[Source records]
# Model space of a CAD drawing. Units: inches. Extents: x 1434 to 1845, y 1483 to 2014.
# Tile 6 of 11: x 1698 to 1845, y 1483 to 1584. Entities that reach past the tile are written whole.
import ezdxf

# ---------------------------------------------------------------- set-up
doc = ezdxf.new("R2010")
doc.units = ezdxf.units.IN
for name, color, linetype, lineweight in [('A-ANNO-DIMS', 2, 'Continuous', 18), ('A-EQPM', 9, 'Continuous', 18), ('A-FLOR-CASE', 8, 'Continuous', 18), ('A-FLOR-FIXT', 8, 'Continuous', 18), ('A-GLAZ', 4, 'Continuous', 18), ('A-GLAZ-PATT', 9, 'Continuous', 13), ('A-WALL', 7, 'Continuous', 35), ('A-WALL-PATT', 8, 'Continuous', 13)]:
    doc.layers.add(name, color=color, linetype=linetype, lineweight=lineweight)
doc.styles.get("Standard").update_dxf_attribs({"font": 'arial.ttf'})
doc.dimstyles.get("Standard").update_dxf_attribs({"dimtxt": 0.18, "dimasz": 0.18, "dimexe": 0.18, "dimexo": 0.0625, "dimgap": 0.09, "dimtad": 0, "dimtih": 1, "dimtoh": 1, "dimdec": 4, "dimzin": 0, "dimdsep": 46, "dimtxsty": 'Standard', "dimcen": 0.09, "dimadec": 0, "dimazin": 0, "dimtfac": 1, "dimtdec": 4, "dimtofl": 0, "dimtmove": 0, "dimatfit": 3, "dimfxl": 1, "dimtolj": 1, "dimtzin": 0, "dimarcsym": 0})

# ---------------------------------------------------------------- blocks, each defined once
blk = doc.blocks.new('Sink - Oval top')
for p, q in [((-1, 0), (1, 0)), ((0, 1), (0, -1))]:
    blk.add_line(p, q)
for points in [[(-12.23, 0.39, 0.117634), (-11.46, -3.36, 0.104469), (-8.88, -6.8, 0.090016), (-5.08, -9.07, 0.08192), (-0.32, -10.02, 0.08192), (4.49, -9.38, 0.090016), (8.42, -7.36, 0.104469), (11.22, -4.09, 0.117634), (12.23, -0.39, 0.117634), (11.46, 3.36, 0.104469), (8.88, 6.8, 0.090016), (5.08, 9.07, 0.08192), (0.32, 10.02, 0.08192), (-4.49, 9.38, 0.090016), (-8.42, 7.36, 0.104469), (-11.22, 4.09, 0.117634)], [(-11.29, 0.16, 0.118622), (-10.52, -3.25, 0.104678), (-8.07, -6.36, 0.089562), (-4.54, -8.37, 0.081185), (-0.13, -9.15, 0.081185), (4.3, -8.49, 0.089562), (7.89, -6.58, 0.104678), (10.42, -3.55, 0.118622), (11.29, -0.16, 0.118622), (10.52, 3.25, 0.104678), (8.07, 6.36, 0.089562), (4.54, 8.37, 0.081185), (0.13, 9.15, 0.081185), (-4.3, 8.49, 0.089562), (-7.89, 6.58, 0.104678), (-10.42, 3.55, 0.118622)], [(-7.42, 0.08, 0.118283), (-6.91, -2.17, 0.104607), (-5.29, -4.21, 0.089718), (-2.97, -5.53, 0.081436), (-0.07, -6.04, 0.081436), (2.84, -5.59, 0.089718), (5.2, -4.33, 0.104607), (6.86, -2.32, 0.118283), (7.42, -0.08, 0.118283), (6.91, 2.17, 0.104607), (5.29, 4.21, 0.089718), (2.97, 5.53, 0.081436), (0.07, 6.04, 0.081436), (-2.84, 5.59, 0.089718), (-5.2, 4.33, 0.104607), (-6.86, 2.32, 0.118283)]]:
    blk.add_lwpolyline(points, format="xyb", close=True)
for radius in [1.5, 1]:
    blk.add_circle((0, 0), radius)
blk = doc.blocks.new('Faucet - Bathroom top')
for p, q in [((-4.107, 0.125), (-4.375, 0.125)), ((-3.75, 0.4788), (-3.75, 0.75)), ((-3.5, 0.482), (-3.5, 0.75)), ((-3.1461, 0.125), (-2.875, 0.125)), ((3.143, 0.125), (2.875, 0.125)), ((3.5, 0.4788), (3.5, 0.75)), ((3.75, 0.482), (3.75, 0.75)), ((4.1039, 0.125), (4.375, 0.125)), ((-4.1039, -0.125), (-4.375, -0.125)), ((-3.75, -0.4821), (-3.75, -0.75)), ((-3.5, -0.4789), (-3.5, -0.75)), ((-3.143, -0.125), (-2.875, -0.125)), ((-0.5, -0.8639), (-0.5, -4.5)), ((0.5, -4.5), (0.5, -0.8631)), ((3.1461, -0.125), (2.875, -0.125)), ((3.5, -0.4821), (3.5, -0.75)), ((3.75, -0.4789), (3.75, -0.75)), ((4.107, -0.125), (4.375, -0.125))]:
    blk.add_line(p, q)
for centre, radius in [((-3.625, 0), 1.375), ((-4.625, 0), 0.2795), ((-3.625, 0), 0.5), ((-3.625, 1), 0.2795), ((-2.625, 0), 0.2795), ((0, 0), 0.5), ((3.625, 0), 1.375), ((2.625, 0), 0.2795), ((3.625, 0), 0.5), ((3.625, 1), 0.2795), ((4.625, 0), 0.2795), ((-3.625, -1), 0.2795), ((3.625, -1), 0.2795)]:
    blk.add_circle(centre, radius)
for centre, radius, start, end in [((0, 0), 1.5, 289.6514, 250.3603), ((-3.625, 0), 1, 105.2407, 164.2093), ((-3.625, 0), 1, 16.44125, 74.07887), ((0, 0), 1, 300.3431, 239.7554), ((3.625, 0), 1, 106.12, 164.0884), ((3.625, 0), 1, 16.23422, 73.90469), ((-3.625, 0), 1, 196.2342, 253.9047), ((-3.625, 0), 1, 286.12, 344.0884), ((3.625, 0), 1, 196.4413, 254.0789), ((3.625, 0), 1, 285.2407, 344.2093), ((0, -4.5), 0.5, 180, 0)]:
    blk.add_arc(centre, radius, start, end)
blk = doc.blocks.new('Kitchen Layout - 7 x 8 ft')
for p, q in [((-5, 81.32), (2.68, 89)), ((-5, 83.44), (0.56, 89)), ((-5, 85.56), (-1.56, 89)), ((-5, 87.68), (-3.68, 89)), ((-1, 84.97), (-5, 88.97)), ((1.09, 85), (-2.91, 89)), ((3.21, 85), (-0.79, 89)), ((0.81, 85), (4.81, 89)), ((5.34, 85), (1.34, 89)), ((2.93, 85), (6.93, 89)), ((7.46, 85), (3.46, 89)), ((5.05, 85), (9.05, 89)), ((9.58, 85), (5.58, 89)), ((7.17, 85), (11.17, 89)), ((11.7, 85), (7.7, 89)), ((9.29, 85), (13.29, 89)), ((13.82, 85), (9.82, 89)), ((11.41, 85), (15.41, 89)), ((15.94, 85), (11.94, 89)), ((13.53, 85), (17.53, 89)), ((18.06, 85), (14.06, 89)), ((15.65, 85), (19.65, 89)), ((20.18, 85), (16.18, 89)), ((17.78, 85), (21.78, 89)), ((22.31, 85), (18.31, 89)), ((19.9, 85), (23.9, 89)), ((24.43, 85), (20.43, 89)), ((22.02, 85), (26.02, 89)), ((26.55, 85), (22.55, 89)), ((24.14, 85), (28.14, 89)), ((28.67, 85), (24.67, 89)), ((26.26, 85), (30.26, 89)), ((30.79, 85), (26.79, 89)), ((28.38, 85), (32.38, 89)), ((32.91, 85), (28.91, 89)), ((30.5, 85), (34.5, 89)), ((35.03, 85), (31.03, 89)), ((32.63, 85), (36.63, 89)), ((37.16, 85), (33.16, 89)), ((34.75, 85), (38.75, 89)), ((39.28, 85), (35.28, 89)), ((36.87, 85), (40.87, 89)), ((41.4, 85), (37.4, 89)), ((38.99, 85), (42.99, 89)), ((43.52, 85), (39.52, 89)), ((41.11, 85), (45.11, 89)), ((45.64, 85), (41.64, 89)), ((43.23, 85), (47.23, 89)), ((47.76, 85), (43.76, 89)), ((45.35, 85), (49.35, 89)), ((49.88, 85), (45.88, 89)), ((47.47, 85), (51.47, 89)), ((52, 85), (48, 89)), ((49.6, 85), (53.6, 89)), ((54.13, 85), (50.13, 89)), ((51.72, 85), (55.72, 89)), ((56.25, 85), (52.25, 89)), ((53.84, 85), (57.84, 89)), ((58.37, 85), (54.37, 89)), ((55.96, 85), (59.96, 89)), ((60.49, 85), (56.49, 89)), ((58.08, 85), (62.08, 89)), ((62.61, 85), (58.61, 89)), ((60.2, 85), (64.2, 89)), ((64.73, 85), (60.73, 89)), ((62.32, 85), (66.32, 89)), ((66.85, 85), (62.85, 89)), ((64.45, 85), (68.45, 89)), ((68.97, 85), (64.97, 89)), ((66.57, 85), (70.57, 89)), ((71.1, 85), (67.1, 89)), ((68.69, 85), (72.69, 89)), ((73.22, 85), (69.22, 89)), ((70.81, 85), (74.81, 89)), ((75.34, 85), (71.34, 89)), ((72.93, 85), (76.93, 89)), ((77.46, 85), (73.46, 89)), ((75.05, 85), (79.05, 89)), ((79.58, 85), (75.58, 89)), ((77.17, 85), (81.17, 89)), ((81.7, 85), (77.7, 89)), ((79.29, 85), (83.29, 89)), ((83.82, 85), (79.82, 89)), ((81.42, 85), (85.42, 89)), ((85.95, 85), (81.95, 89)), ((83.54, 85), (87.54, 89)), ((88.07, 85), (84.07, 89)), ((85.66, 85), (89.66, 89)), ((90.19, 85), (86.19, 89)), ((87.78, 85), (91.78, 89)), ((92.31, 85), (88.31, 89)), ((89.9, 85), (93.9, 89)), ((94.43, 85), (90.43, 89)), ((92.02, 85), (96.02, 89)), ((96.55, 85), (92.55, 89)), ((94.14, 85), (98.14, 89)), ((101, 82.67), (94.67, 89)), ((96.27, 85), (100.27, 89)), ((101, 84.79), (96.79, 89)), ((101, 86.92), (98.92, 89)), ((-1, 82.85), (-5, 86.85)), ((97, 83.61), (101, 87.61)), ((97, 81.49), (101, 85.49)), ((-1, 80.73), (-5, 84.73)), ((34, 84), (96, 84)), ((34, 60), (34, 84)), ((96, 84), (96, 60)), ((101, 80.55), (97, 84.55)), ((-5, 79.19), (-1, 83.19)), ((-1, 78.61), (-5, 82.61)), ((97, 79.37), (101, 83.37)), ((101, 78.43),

The task →
Reproduce the lines of the entries above from the one with "for centre, radius in" to the one with "blk.add_circle(centre, radius)", both included, exactly and without any other line.

Answer box →
for centre, radius in [((-3.625, 0), 1.375), ((-4.625, 0), 0.2795), ((-3.625, 0), 0.5), ((-3.625, 1), 0.2795), ((-2.625, 0), 0.2795), ((0, 0), 0.5), ((3.625, 0), 1.375), ((2.625, 0), 0.2795), ((3.625, 0), 0.5), ((3.625, 1), 0.2795), ((4.625, 0), 0.2795), ((-3.625, -1), 0.2795), ((3.625, -1), 0.2795)]:
    blk.add_circle(centre, radius)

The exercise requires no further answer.